----- THE DATA -----

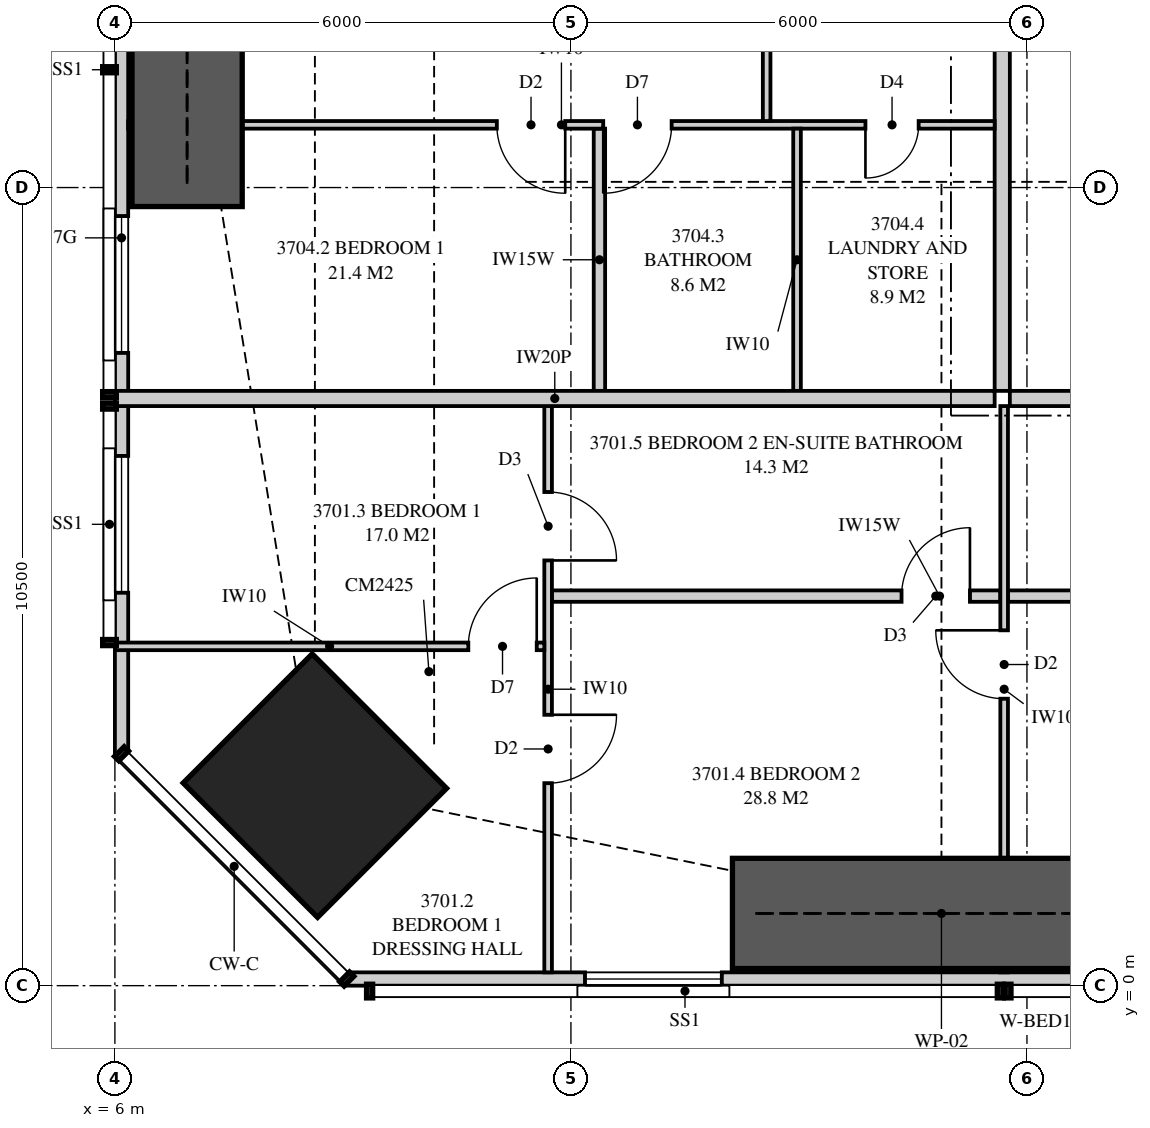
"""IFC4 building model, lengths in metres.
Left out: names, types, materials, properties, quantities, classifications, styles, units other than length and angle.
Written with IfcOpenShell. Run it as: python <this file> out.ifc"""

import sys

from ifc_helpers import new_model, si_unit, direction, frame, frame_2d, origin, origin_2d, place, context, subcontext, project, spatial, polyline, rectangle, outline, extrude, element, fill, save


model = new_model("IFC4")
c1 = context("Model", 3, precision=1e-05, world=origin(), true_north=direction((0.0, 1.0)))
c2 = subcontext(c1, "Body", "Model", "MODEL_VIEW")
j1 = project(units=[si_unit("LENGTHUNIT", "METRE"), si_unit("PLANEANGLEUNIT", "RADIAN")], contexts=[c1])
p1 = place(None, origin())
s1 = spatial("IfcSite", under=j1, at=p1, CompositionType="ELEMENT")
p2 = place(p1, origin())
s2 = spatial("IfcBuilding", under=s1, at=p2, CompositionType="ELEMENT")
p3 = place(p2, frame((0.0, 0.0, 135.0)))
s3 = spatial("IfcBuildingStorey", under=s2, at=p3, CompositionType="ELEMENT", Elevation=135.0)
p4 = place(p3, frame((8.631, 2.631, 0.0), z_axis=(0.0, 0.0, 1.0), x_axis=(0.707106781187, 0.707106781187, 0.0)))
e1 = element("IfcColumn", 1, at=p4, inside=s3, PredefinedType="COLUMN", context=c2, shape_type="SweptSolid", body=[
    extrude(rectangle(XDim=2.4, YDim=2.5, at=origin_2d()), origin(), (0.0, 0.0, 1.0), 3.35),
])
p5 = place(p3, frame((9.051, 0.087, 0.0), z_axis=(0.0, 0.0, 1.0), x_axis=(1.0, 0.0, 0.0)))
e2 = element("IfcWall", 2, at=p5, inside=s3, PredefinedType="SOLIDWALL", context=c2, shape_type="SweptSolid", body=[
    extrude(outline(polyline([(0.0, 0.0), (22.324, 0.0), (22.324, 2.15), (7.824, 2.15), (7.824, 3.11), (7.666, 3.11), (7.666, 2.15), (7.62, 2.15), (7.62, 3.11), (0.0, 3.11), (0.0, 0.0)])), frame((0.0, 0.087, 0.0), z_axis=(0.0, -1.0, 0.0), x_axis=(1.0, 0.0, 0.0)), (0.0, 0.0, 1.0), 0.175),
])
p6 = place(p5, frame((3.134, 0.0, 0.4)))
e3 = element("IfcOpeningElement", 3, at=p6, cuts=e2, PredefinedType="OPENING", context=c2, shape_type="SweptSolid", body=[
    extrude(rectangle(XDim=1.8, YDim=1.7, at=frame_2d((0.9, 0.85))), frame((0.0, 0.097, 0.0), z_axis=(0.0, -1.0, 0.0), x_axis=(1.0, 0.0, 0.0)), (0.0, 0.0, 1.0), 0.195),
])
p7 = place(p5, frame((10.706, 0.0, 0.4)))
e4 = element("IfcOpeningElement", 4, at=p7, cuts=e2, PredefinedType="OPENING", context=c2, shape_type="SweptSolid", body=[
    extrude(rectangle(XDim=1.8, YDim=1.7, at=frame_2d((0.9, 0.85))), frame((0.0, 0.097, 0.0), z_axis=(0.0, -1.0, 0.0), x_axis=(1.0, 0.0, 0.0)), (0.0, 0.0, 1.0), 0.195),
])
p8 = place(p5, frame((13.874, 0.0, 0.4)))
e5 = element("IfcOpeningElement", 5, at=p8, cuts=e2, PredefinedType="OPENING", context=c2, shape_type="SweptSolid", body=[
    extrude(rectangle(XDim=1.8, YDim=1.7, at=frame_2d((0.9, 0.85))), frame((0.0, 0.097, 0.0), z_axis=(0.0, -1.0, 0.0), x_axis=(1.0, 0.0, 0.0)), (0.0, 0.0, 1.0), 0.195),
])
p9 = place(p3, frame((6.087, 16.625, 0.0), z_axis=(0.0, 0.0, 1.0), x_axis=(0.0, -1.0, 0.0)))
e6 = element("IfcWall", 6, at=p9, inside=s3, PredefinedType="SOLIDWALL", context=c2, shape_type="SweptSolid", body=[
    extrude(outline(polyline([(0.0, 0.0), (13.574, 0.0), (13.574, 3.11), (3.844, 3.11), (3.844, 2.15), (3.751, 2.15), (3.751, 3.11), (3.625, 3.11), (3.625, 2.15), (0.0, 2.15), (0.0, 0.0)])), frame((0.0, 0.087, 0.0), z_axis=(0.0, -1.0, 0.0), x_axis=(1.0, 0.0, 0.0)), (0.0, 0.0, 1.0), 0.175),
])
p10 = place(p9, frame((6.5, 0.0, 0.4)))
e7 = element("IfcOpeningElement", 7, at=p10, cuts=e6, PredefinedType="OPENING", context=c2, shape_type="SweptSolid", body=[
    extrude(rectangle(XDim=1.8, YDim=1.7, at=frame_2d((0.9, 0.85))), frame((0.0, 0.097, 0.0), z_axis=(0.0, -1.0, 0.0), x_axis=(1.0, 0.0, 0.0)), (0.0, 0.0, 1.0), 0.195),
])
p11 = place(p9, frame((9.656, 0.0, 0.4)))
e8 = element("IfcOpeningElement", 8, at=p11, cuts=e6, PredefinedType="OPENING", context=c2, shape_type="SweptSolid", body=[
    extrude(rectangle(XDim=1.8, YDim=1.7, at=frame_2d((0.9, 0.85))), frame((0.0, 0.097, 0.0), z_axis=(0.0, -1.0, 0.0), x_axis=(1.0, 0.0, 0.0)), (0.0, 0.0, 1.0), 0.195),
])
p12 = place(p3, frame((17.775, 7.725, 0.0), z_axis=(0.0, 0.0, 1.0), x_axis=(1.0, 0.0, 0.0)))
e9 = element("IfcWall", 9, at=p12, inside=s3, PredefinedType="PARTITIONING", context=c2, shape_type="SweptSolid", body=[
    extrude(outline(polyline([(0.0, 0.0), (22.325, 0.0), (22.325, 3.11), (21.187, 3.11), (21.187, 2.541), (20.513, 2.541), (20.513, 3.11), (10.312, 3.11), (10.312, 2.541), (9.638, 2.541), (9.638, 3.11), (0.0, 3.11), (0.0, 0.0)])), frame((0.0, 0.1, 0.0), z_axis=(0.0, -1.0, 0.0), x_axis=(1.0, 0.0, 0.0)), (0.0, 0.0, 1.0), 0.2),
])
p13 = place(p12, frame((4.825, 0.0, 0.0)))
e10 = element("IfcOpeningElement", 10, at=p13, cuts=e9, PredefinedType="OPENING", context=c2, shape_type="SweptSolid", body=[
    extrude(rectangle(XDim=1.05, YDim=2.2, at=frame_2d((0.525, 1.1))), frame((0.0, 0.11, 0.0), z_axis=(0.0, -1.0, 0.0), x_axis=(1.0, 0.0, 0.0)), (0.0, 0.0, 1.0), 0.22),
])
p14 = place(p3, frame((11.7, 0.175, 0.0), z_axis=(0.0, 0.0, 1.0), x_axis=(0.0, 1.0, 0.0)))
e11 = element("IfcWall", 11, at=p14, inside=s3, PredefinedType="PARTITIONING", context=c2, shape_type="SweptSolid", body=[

-----

Of all the entries above, output exactly the lines between the one holding "length and angle." and the one holding "x_axis=(0.707106781187, 0.707106781187, 0.0)))", inclusive.

- **EXERCISE ANSWER**
Left out: names, types, materials, properties, quantities, classifications, styles, units other than length and angle.
Written with IfcOpenShell. Run it as: python <this file> out.ifc"""

import sys

from ifc_helpers import new_model, si_unit, direction, frame, frame_2d, origin, origin_2d, place, context, subcontext, project, spatial, polyline, rectangle, outline, extrude, element, fill, save


model = new_model("IFC4")
c1 = context("Model", 3, precision=1e-05, world=origin(), true_north=direction((0.0, 1.0)))
c2 = subcontext(c1, "Body", "Model", "MODEL_VIEW")
j1 = project(units=[si_unit("LENGTHUNIT", "METRE"), si_unit("PLANEANGLEUNIT", "RADIAN")], contexts=[c1])
p1 = place(None, origin())
s1 = spatial("IfcSite", under=j1, at=p1, CompositionType="ELEMENT")
p2 = place(p1, origin())
s2 = spatial("IfcBuilding", under=s1, at=p2, CompositionType="ELEMENT")
p3 = place(p2, frame((0.0, 0.0, 135.0)))
s3 = spatial("IfcBuildingStorey", under=s2, at=p3, CompositionType="ELEMENT", Elevation=135.0)
p4 = place(p3, frame((8.631, 2.631, 0.0), z_axis=(0.0, 0.0, 1.0), x_axis=(0.707106781187, 0.707106781187, 0.0)))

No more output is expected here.